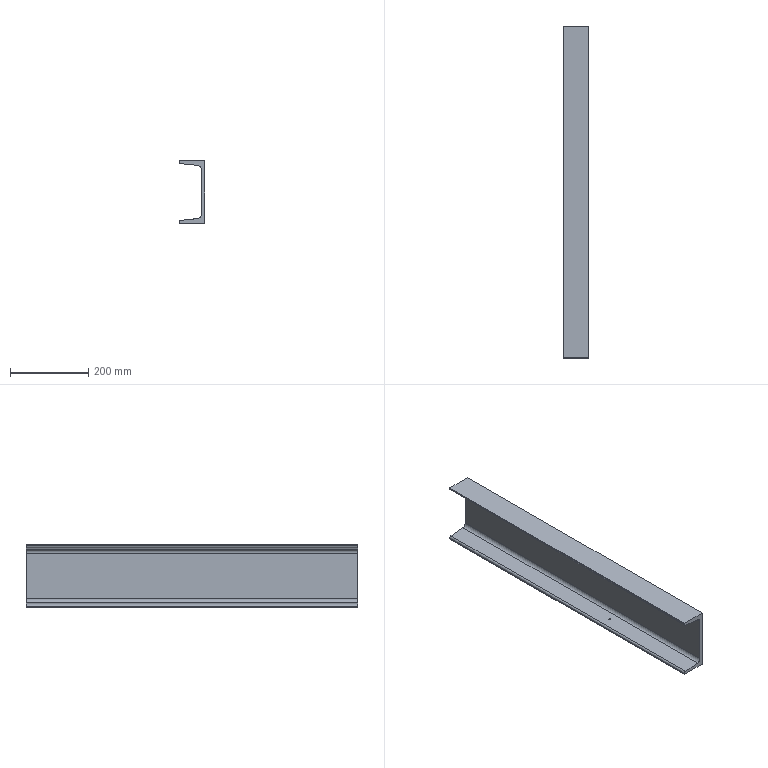Component | SolidWorks | NitrogenSupportChannelSteel65016a-331MachineTool-1 | 1 solid | 16 faces | box 65 x 850 x 160 mm | volume 2137904 mm3 | plane 10 | cylinder 6 | commonest cylinder face diameters 5 x2 20 x2 10 x2
STEP:
#1=COLOUR_RGB('',0.7922,0.8196,0.9333);
#2=FILL_AREA_STYLE_COLOUR('',#1);
#3=FILL_AREA_STYLE('',(#2));
#4=SURFACE_STYLE_FILL_AREA(#3);
#5=SURFACE_SIDE_STYLE('',(#4));
#6=SURFACE_STYLE_USAGE(.BOTH.,#5);
#7=PRESENTATION_STYLE_ASSIGNMENT((#6));
#8=CARTESIAN_POINT('',(1.747,6.759,23.228));
#9=VERTEX_POINT('',#8);
#10=CARTESIAN_POINT('',(1.945,6.759,23.228));
#11=VERTEX_POINT('',#10);
#12=CARTESIAN_POINT('',(1.747,6.759,23.228));
#13=CARTESIAN_POINT('',(1.747,6.956,23.228));
#14=CARTESIAN_POINT('',(1.945,6.956,23.228));
#15=CARTESIAN_POINT('',(1.945,6.759,23.228));
#16=(BOUNDED_CURVE()B_SPLINE_CURVE(3,(#12,#13,#14,#15),.UNSPECIFIED.,.F.,.T.)B_SPLINE_CURVE_WITH_KNOTS((4,4),(0.,3.142),.UNSPECIFIED.)CURVE()GEOMETRIC_REPRESENTATION_ITEM()RATIONAL_B_SPLINE_CURVE((1.,0.3333,0.3333,1.))REPRESENTATION_ITEM(''));
#17=EDGE_CURVE('',#9,#11,#16,.T.);
#18=ORIENTED_EDGE('',*,*,#17,.T.);
#19=CARTESIAN_POINT('',(1.905,6.759,23.632));
#20=VERTEX_POINT('',#19);
#21=CARTESIAN_POINT('',(1.905,6.759,23.632));
#22=DIRECTION('',(-0.0995,0.,0.995));
#23=VECTOR('',#22,39.37);
#24=LINE('',#21,#23);
#25=EDGE_CURVE('',#11,#20,#24,.T.);
#26=ORIENTED_EDGE('',*,*,#25,.T.);
#27=CARTESIAN_POINT('',(1.709,6.759,23.612));
#28=VERTEX_POINT('',#27);
#29=CARTESIAN_POINT('',(1.807,6.759,23.622));
#30=DIRECTION('',(-0.0995,0.,0.995));
#31=DIRECTION('',(-0.995,0.,-0.0995));
#32=AXIS2_PLACEMENT_3D('',#29,#30,#31);
#33=CIRCLE('',#32,0.09843);
#34=EDGE_CURVE('',#20,#28,#33,.T.);
#35=ORIENTED_EDGE('',*,*,#34,.T.);
#36=CARTESIAN_POINT('',(1.709,6.759,23.612));
#37=DIRECTION('',(-0.0995,0.,0.995));
#38=VECTOR('',#37,39.37);
#39=LINE('',#36,#38);
#40=EDGE_CURVE('',#9,#28,#39,.T.);
#41=ORIENTED_EDGE('',*,*,#40,.F.);
#42=EDGE_LOOP('',(#18,#26,#35,#41));
#43=FACE_OUTER_BOUND('',#42,.T.);
#44=CARTESIAN_POINT('',(1.807,6.759,23.622));
#45=DIRECTION('',(-0.0995,0.,0.995));
#46=DIRECTION('',(-0.995,0.,-0.0995));
#47=AXIS2_PLACEMENT_3D('',#44,#45,#46);
#48=CYLINDRICAL_SURFACE('',#47,0.09843);
#49=ADVANCED_FACE('',(#43),#48,.F.);
#50=CARTESIAN_POINT('',(2.567,28.482,23.698));
#51=VERTEX_POINT('',#50);
#52=CARTESIAN_POINT('',(2.922,28.482,24.09));
#53=VERTEX_POINT('',#52);
#54=CARTESIAN_POINT('',(2.528,28.482,24.09));
#55=DIRECTION('',(0.,-1.,-0.));
#56=DIRECTION('',(-1.,0.,0.));
#57=AXIS2_PLACEMENT_3D('',#54,#55,#56);
#58=CIRCLE('',#57,0.3937);
#59=EDGE_CURVE('',#51,#53,#58,.T.);
#60=ORIENTED_EDGE('',*,*,#59,.F.);
#61=CARTESIAN_POINT('',(2.567,-4.983,23.698));
#62=VERTEX_POINT('',#61);
#63=CARTESIAN_POINT('',(2.567,-4.983,23.698));
#64=DIRECTION('',(-0.,1.,0.));
#65=VECTOR('',#64,39.37);
#66=LINE('',#63,#65);
#67=EDGE_CURVE('',#62,#51,#66,.T.);
#68=ORIENTED_EDGE('',*,*,#67,.F.);
#69=CARTESIAN_POINT('',(2.922,-4.983,24.09));
#70=VERTEX_POINT('',#69);
#71=CARTESIAN_POINT('',(2.528,-4.983,24.09));
#72=DIRECTION('',(0.,-1.,-0.));
#73=DIRECTION('',(-1.,0.,0.));
#74=AXIS2_PLACEMENT_3D('',#71,#72,#73);
#75=CIRCLE('',#74,0.3937);
#76=EDGE_CURVE('',#62,#70,#75,.T.);
#77=ORIENTED_EDGE('',*,*,#76,.T.);
#78=CARTESIAN_POINT('',(2.922,-4.983,24.09));
#79=DIRECTION('',(-0.,1.,0.));
#80=VECTOR('',#79,39.37);
#81=LINE('',#78,#80);
#82=EDGE_CURVE('',#70,#53,#81,.T.);
#83=ORIENTED_EDGE('',*,*,#82,.T.);
#84=EDGE_LOOP('',(#60,#68,#77,#83));
#85=FACE_OUTER_BOUND('',#84,.T.);
#86=CARTESIAN_POINT('',(2.528,-4.983,24.09));
#87=DIRECTION('',(-0.,1.,0.));
#88=DIRECTION('',(1.,0.,0.));
#89=AXIS2_PLACEMENT_3D('',#86,#87,#88);
#90=CYLINDRICAL_SURFACE('',#89,0.3937);
#91=ADVANCED_FACE('',(#85),#90,.F.);
#92=CARTESIAN_POINT('',(1.807,6.759,23.622));
#93=DIRECTION('',(-0.0995,0.,0.995));
#94=DIRECTION('',(-0.995,0.,-0.0995));
#95=AXIS2_PLACEMENT_3D('',#92,#93,#94);
#96=CIRCLE('',#95,0.09843);
#97=EDGE_CURVE('',#28,#20,#96,.T.);
#98=ORIENTED_EDGE('',*,*,#97,.F.);
#99=ORIENTED_EDGE('',*,*,#34,.F.);
#100=EDGE_LOOP('',(#98,#99));
#101=FACE_BOUND('',#100,.T.);
#102=CARTESIAN_POINT('',(0.8749,28.482,23.529));
#103=VERTEX_POINT('',#102);
#104=CARTESIAN_POINT('',(0.8749,28.482,23.529));
#105=DIRECTION('',(0.995,-0.,0.0995));
#106=VECTOR('',#105,39.37);
#107=LINE('',#104,#106);
#108=EDGE_CURVE('',#103,#51,#107,.T.);
#109=ORIENTED_EDGE('',*,*,#108,.F.);
#110=CARTESIAN_POINT('',(0.8749,-4.983,23.529));
#111=VERTEX_POINT('',#110);
#112=CARTESIAN_POINT('',(0.8749,-4.983,23.529));
#113=DIRECTION('',(-0.,1.,0.));
#114=VECTOR('',#113,39.37);
#115=LINE('',#112,#114);
#116=EDGE_CURVE('',#111,#103,#115,.T.);
#117=ORIENTED_EDGE('',*,*,#116,.F.);
#118=CARTESIAN_POINT('',(0.8749,-4.983,23.529));
#119=DIRECTION('',(0.995,-0.,0.0995));
#120=VECTOR('',#119,39.37);
#121=LINE('',#118,#120);
#122=EDGE_CURVE('',#111,#62,#121,.T.);
#123=ORIENTED_EDGE('',*,*,#122,.T.);
#124=ORIENTED_EDGE('',*,*,#67,.T.);
#125=EDGE_LOOP('',(#109,#117,#123,#124));
#126=FACE_OUTER_BOUND('',#125,.T.);
#127=CARTESIAN_POINT('',(0.8749,-4.983,23.529));
#128=DIRECTION('',(-0.0995,0.,0.995));
#129=DIRECTION('',(-0.995,0.,-0.0995));
#130=AXIS2_PLACEMENT_3D('',#127,#128,#129);
#131=PLANE('',#130);
#132=ADVANCED_FACE('',(#101,#126),#131,.T.);
#133=CARTESIAN_POINT('',(0.6976,28.482,23.333));
#134=VERTEX_POINT('',#133);
#135=CARTESIAN_POINT('',(0.8945,28.482,23.333));
#136=DIRECTION('',(-0.,1.,0.));
#137=DIRECTION('',(1.,0.,0.));
#138=AXIS2_PLACEMENT_3D('',#135,#136,#137);
#139=CIRCLE('',#138,0.1969);
#140=EDGE_CURVE('',#134,#103,#139,.T.);
#141=ORIENTED_EDGE('',*,*,#140,.F.);
#142=CARTESIAN_POINT('',(0.6976,-4.983,23.333));
#143=VERTEX_POINT('',#142);
#144=CARTESIAN_POINT('',(0.6976,-4.983,23.333));
#145=DIRECTION('',(-0.,1.,0.));
#146=VECTOR('',#145,39.37);
#147=LINE('',#144,#146);
#148=EDGE_CURVE('',#143,#134,#147,.T.);
#149=ORIENTED_EDGE('',*,*,#148,.F.);
#150=CARTESIAN_POINT('',(0.8945,-4.983,23.333));
#151=DIRECTION('',(-0.,1.,0.));
#152=DIRECTION('',(1.,0.,0.));
#153=AXIS2_PLACEMENT_3D('',#150,#151,#152);
#154=CIRCLE('',#153,0.1969);
#155=EDGE_CURVE('',#143,#111,#154,.T.);
#156=ORIENTED_EDGE('',*,*,#155,.T.);
#157=ORIENTED_EDGE('',*,*,#116,.T.);
#158=EDGE_LOOP('',(#141,#149,#156,#157));
#159=FACE_OUTER_BOUND('',#158,.T.);
#160=CARTESIAN_POINT('',(0.8945,-4.983,23.333));
#161=DIRECTION('',(-0.,1.,0.));
#162=DIRECTION('',(1.,0.,0.));
#163=AXIS2_PLACEMENT_3D('',#160,#161,#162);
#164=CYLINDRICAL_SURFACE('',#163,0.1969);
#165=ADVANCED_FACE('',(#159),#164,.T.);
#166=CARTESIAN_POINT('',(0.6976,28.482,23.228));
#167=VERTEX_POINT('',#166);
#168=CARTESIAN_POINT('',(0.6976,28.482,23.228));
#169=DIRECTION('',(-0.,0.,1.));
#170=VECTOR('',#169,39.37);
#171=LINE('',#168,#170);
#172=EDGE_CURVE('',#167,#134,#171,.T.);
#173=ORIENTED_EDGE('',*,*,#172,.F.);
#174=CARTESIAN_POINT('',(0.6976,-4.983,23.228));
#175=VERTEX_POINT('',#174);
#176=CARTESIAN_POINT('',(0.6976,-4.983,23.228));
#177=DIRECTION('',(-0.,1.,0.));
#178=VECTOR('',#177,39.37);
#179=LINE('',#176,#178);
#180=EDGE_CURVE('',#175,#167,#179,.T.);
#181=ORIENTED_EDGE('',*,*,#180,.F.);
#182=CARTESIAN_POINT('',(0.6976,-4.983,23.228));
#183=DIRECTION('',(-0.,0.,1.));
#184=VECTOR('',#183,39.37);
#185=LINE('',#182,#184);
#186=EDGE_CURVE('',#175,#143,#185,.T.);
#187=ORIENTED_EDGE('',*,*,#186,.T.);
#188=ORIENTED_EDGE('',*,*,#148,.T.);
#189=EDGE_LOOP('',(#173,#181,#187,#188));
#190=FACE_OUTER_BOUND('',#189,.T.);
#191=CARTESIAN_POINT('',(0.6976,-4.983,23.228));
#192=DIRECTION('',(-1.,-0.,0.));
#193=DIRECTION('',(-0.,1.,0.));
#194=AXIS2_PLACEMENT_3D('',#191,#192,#193);
#195=PLANE('',#194);
#196=ADVANCED_FACE('',(#190),#195,.T.);
#197=ORIENTED_EDGE('',*,*,#17,.F.);
#198=CARTESIAN_POINT('',(1.945,6.759,23.228));
#199=CARTESIAN_POINT('',(1.945,6.563,23.228));
#200=CARTESIAN_POINT('',(1.747,6.563,23.228));
#201=CARTESIAN_POINT('',(1.747,6.759,23.228));
#202=(BOUNDED_CURVE()B_SPLINE_CURVE(3,(#198,#199,#200,#201),.UNSPECIFIED.,.F.,.T.)B_SPLINE_CURVE_WITH_KNOTS((4,4),(3.142,6.283),.UNSPECIFIED.)CURVE()GEOMETRIC_REPRESENTATION_ITEM()RATIONAL_B_SPLINE_CURVE((1.,0.3333,0.3333,1.))REPRESENTATION_ITEM(''));
#203=EDGE_CURVE('',#11,#9,#202,.T.);
#204=ORIENTED_EDGE('',*,*,#203,.F.);
#205=EDGE_LOOP('',(#197,#204));
#206=FACE_BOUND('',#205,.T.);
#207=CARTESIAN_POINT('',(3.257,28.482,23.228));
#208=VERTEX_POINT('',#207);
#209=CARTESIAN_POINT('',(3.257,28.482,23.228));
#210=DIRECTION('',(-1.,0.,0.));
#211=VECTOR('',#210,39.37);
#212=LINE('',#209,#211);
#213=EDGE_CURVE('',#208,#167,#212,.T.);
#214=ORIENTED_EDGE('',*,*,#213,.F.);
#215=CARTESIAN_POINT('',(3.257,-4.983,23.228));
#216=VERTEX_POINT('',#215);
#217=CARTESIAN_POINT('',(3.257,-4.983,23.228));
#218=DIRECTION('',(-0.,1.,0.));
#219=VECTOR('',#218,39.37);
#220=LINE('',#217,#219);
#221=EDGE_CURVE('',#216,#208,#220,.T.);
#222=ORIENTED_EDGE('',*,*,#221,.F.);
#223=CARTESIAN_POINT('',(3.257,-4.983,23.228));
#224=DIRECTION('',(-1.,0.,0.));
#225=VECTOR('',#224,39.37);
#226=LINE('',#223,#225);
#227=EDGE_CURVE('',#216,#175,#226,.T.);
#228=ORIENTED_EDGE('',*,*,#227,.T.);
#229=ORIENTED_EDGE('',*,*,#180,.T.);
#230=EDGE_LOOP('',(#214,#222,#228,#229));
#231=FACE_OUTER_BOUND('',#230,.T.);
#232=CARTESIAN_POINT('',(3.257,-4.983,23.228));
#233=DIRECTION('',(0.,0.,-1.));
#234=DIRECTION('',(0.,-1.,-0.));
#235=AXIS2_PLACEMENT_3D('',#232,#233,#234);
#236=PLANE('',#235);
#237=ADVANCED_FACE('',(#206,#231),#236,.T.);
#238=CARTESIAN_POINT('',(3.257,28.482,29.528));
#239=VERTEX_POINT('',#238);
#240=CARTESIAN_POINT('',(3.257,28.482,29.528));
#241=DIRECTION('',(0.,-0.,-1.));
#242=VECTOR('',#241,39.37);
#243=LINE('',#240,#242);
#244=EDGE_CURVE('',#239,#208,#243,.T.);
#245=ORIENTED_EDGE('',*,*,#244,.F.);
#246=CARTESIAN_POINT('',(3.257,-4.983,29.528));
#247=VERTEX_POINT('',#246);
#248=CARTESIAN_POINT('',(3.257,-4.983,29.528));
#249=DIRECTION('',(-0.,1.,0.));
#250=VECTOR('',#249,39.37);
#251=LINE('',#248,#250);
#252=EDGE_CURVE('',#247,#239,#251,.T.);
#253=ORIENTED_EDGE('',*,*,#252,.F.);
#254=CARTESIAN_POINT('',(3.257,-4.983,29.528));
#255=DIRECTION('',(0.,-0.,-1.));
#256=VECTOR('',#255,39.37);
#257=LINE('',#254,#256);
#258=EDGE_CURVE('',#247,#216,#257,.T.);
#259=ORIENTED_EDGE('',*,*,#258,.T.);
#260=ORIENTED_EDGE('',*,*,#221,.T.);
#261=EDGE_LOOP('',(#245,#253,#259,#260));
#262=FACE_OUTER_BOUND('',#261,.T.);
#263=CARTESIAN_POINT('',(3.257,-4.983,29.528));
#264=DIRECTION('',(1.,0.,-0.));
#265=DIRECTION('',(0.,-1.,-0.));
#266=AXIS2_PLACEMENT_3D('',#263,#264,#265);
#267=PLANE('',#266);
#268=ADVANCED_FACE('',(#262),#267,.T.);
#269=CARTESIAN_POINT('',(0.6976,28.482,29.528));
#270=VERTEX_POINT('',#269);
#271=CARTESIAN_POINT('',(0.6976,28.482,29.528));
#272=DIRECTION('',(1.,-0.,-0.));
#273=VECTOR('',#272,39.37);
#274=LINE('',#271,#273);
#275=EDGE_CURVE('',#270,#239,#274,.T.);
#276=ORIENTED_EDGE('',*,*,#275,.F.);
#277=CARTESIAN_POINT('',(0.6976,-4.983,29.528));
#278=VERTEX_POINT('',#277);
#279=CARTESIAN_POINT('',(0.6976,-4.983,29.528));
#280=DIRECTION('',(-0.,1.,0.));
#281=VECTOR('',#280,39.37);
#282=LINE('',#279,#281);
#283=EDGE_CURVE('',#278,#270,#282,.T.);
#284=ORIENTED_EDGE('',*,*,#283,.F.);
#285=CARTESIAN_POINT('',(0.6976,-4.983,29.528));
#286=DIRECTION('',(1.,-0.,-0.));
#287=VECTOR('',#286,39.37);
#288=LINE('',#285,#287);
#289=EDGE_CURVE('',#278,#247,#288,.T.);
#290=ORIENTED_EDGE('',*,*,#289,.T.);
#291=ORIENTED_EDGE('',*,*,#252,.T.);
#292=EDGE_LOOP('',(#276,#284,#290,#291));
#293=FACE_OUTER_BOUND('',#292,.T.);
#294=CARTESIAN_POINT('',(0.6976,-4.983,29.528));
#295=DIRECTION('',(-0.,-0.,1.));
#296=DIRECTION('',(-0.,1.,0.));
#297=AXIS2_PLACEMENT_3D('',#294,#295,#296);
#298=PLANE('',#297);
#299=ADVANCED_FACE('',(#293),#298,.T.);
#300=CARTESIAN_POINT('',(0.6976,28.482,29.423));
#301=VERTEX_POINT('',#300);
#302=CARTESIAN_POINT('',(0.6976,28.482,29.423));
#303=DIRECTION('',(-0.,0.,1.));
#304=VECTOR('',#303,39.37);
#305=LINE('',#302,#304);
#306=EDGE_CURVE('',#301,#270,#305,.T.);
#307=ORIENTED_EDGE('',*,*,#306,.F.);
#308=CARTESIAN_POINT('',(0.6976,-4.983,29.423));
#309=VERTEX_POINT('',#308);
#310=CARTESIAN_POINT('',(0.6976,-4.983,29.423));
#311=DIRECTION('',(-0.,1.,0.));
#312=VECTOR('',#311,39.37);
#313=LINE('',#310,#312);
#314=EDGE_CURVE('',#309,#301,#313,.T.);
#315=ORIENTED_EDGE('',*,*,#314,.F.);
#316=CARTESIAN_POINT('',(0.6976,-4.983,29.423));
#317=DIRECTION('',(-0.,0.,1.));
#318=VECTOR('',#317,39.37);
#319=LINE('',#316,#318);
#320=EDGE_CURVE('',#309,#278,#319,.T.);
#321=ORIENTED_EDGE('',*,*,#320,.T.);
#322=ORIENTED_EDGE('',*,*,#283,.T.);
#323=EDGE_LOOP('',(#307,#315,#321,#322));
#324=FACE_OUTER_BOUND('',#323,.T.);
#325=CARTESIAN_POINT('',(0.6976,-4.983,29.423));
#326=DIRECTION('',(-1.,-0.,0.));
#327=DIRECTION('',(-0.,1.,0.));
#328=AXIS2_PLACEMENT_3D('',#325,#326,#327);
#329=PLANE('',#328);
#330=ADVANCED_FACE('',(#324),#329,.T.);
#331=CARTESIAN_POINT('',(0.8749,28.482,29.227));
#332=VERTEX_POINT('',#331);
#333=CARTESIAN_POINT('',(0.8945,28.482,29.423));
#334=DIRECTION('',(-0.,1.,0.));
#335=DIRECTION('',(1.,0.,0.));
#336=AXIS2_PLACEMENT_3D('',#333,#334,#335);
#337=CIRCLE('',#336,0.1969);
#338=EDGE_CURVE('',#332,#301,#337,.T.);
#339=ORIENTED_EDGE('',*,*,#338,.F.);
#340=CARTESIAN_POINT('',(0.8749,-4.983,29.227));
#341=VERTEX_POINT('',#340);
#342=CARTESIAN_POINT('',(0.8749,-4.983,29.227));
#343=DIRECTION('',(-0.,1.,0.));
#344=VECTOR('',#343,39.37);
#345=LINE('',#342,#344);
#346=EDGE_CURVE('',#341,#332,#345,.T.);
#347=ORIENTED_EDGE('',*,*,#346,.F.);
#348=CARTESIAN_POINT('',(0.8945,-4.983,29.423));
#349=DIRECTION('',(-0.,1.,0.));
#350=DIRECTION('',(1.,0.,0.));
#351=AXIS2_PLACEMENT_3D('',#348,#349,#350);
#352=CIRCLE('',#351,0.1969);
#353=EDGE_CURVE('',#341,#309,#352,.T.);
#354=ORIENTED_EDGE('',*,*,#353,.T.);
#355=ORIENTED_EDGE('',*,*,#314,.T.);
#356=EDGE_LOOP('',(#339,#347,#354,#355));
#357=FACE_OUTER_BOUND('',#356,.T.);
#358=CARTESIAN_POINT('',(0.8945,-4.983,29.423));
#359=DIRECTION('',(-0.,1.,0.));
#360=DIRECTION('',(1.,0.,0.));
#361=AXIS2_PLACEMENT_3D('',#358,#359,#360);
#362=CYLINDRICAL_SURFACE('',#361,0.1969);
#363=ADVANCED_FACE('',(#357),#362,.T.);
#364=CARTESIAN_POINT('',(2.567,28.482,29.058));
#365=VERTEX_POINT('',#364);
#366=CARTESIAN_POINT('',(2.567,28.482,29.058));
#367=DIRECTION('',(-0.995,0.,0.0995));
#368=VECTOR('',#367,39.37);
#369=LINE('',#366,#368);
#370=EDGE_CURVE('',#365,#332,#369,.T.);
#371=ORIENTED_EDGE('',*,*,#370,.F.);
#372=CARTESIAN_POINT('',(2.567,-4.983,29.058));
#373=VERTEX_POINT('',#372);
#374=CARTESIAN_POINT('',(2.567,-4.983,29.058));
#375=DIRECTION('',(-0.,1.,0.));
#376=VECTOR('',#375,39.37);
#377=LINE('',#374,#376);
#378=EDGE_CURVE('',#373,#365,#377,.T.);
#379=ORIENTED_EDGE('',*,*,#378,.F.);
#380=CARTESIAN_POINT('',(2.567,-4.983,29.058));
#381=DIRECTION('',(-0.995,0.,0.0995));
#382=VECTOR('',#381,39.37);
#383=LINE('',#380,#382);
#384=EDGE_CURVE('',#373,#341,#383,.T.);
#385=ORIENTED_EDGE('',*,*,#384,.T.);
#386=ORIENTED_EDGE('',*,*,#346,.T.);
#387=EDGE_LOOP('',(#371,#379,#385,#386));
#388=FACE_OUTER_BOUND('',#387,.T.);
#389=CARTESIAN_POINT('',(2.567,-4.983,29.058));
#390=DIRECTION('',(-0.0995,0.,-0.995));
#391=DIRECTION('',(0.995,-0.,-0.0995));
#392=AXIS2_PLACEMENT_3D('',#389,#390,#391);
#393=PLANE('',#392);
#394=ADVANCED_FACE('',(#388),#393,.T.);
#395=CARTESIAN_POINT('',(2.922,28.482,28.666));
#396=VERTEX_POINT('',#395);
#397=CARTESIAN_POINT('',(2.528,28.482,28.666));
#398=DIRECTION('',(0.,-1.,-0.));
#399=DIRECTION('',(-1.,0.,0.));
#400=AXIS2_PLACEMENT_3D('',#397,#398,#399);
#401=CIRCLE('',#400,0.3937);
#402=EDGE_CURVE('',#396,#365,#401,.T.);
#403=ORIENTED_EDGE('',*,*,#402,.F.);
#404=CARTESIAN_POINT('',(2.922,-4.983,28.666));
#405=VERTEX_POINT('',#404);
#406=CARTESIAN_POINT('',(2.922,-4.983,28.666));
#407=DIRECTION('',(-0.,1.,0.));
#408=VECTOR('',#407,39.37);
#409=LINE('',#406,#408);
#410=EDGE_CURVE('',#405,#396,#409,.T.);
#411=ORIENTED_EDGE('',*,*,#410,.F.);
#412=CARTESIAN_POINT('',(2.528,-4.983,28.666));
#413=DIRECTION('',(0.,-1.,-0.));
#414=DIRECTION('',(-1.,0.,0.));
#415=AXIS2_PLACEMENT_3D('',#412,#413,#414);
#416=CIRCLE('',#415,0.3937);
#417=EDGE_CURVE('',#405,#373,#416,.T.);
#418=ORIENTED_EDGE('',*,*,#417,.T.);
#419=ORIENTED_EDGE('',*,*,#378,.T.);
#420=EDGE_LOOP('',(#403,#411,#418,#419));
#421=FACE_OUTER_BOUND('',#420,.T.);
#422=CARTESIAN_POINT('',(2.528,-4.983,28.666));
#423=DIRECTION('',(-0.,1.,0.));
#424=DIRECTION('',(1.,0.,0.));
#425=AXIS2_PLACEMENT_3D('',#422,#423,#424);
#426=CYLINDRICAL_SURFACE('',#425,0.3937);
#427=ADVANCED_FACE('',(#421),#426,.F.);
#428=CARTESIAN_POINT('',(2.922,28.482,24.09));
#429=DIRECTION('',(0.,0.,1.));
#430=VECTOR('',#429,39.37);
#431=LINE('',#428,#430);
#432=EDGE_CURVE('',#53,#396,#431,.T.);
#433=ORIENTED_EDGE('',*,*,#432,.F.);
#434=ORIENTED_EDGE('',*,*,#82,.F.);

* * * *

**What you have to do**
In the listing above, locate the line with "#119=DIRECTION('',(0.995,-0.,0.0995));" and the line with "#137=DIRECTION('',(1.,0.,0.));", then extract exactly those lines and every line between them, and nothing more.

**Worked solution**
#119=DIRECTION('',(0.995,-0.,0.0995));
#120=VECTOR('',#119,39.37);
#121=LINE('',#118,#120);
#122=EDGE_CURVE('',#111,#62,#121,.T.);
#123=ORIENTED_EDGE('',*,*,#122,.T.);
#124=ORIENTED_EDGE('',*,*,#67,.T.);
#125=EDGE_LOOP('',(#109,#117,#123,#124));
#126=FACE_OUTER_BOUND('',#125,.T.);
#127=CARTESIAN_POINT('',(0.8749,-4.983,23.529));
#128=DIRECTION('',(-0.0995,0.,0.995));
#129=DIRECTION('',(-0.995,0.,-0.0995));
#130=AXIS2_PLACEMENT_3D('',#127,#128,#129);
#131=PLANE('',#130);
#132=ADVANCED_FACE('',(#101,#126),#131,.T.);
#133=CARTESIAN_POINT('',(0.6976,28.482,23.333));
#134=VERTEX_POINT('',#133);
#135=CARTESIAN_POINT('',(0.8945,28.482,23.333));
#136=DIRECTION('',(-0.,1.,0.));
#137=DIRECTION('',(1.,0.,0.));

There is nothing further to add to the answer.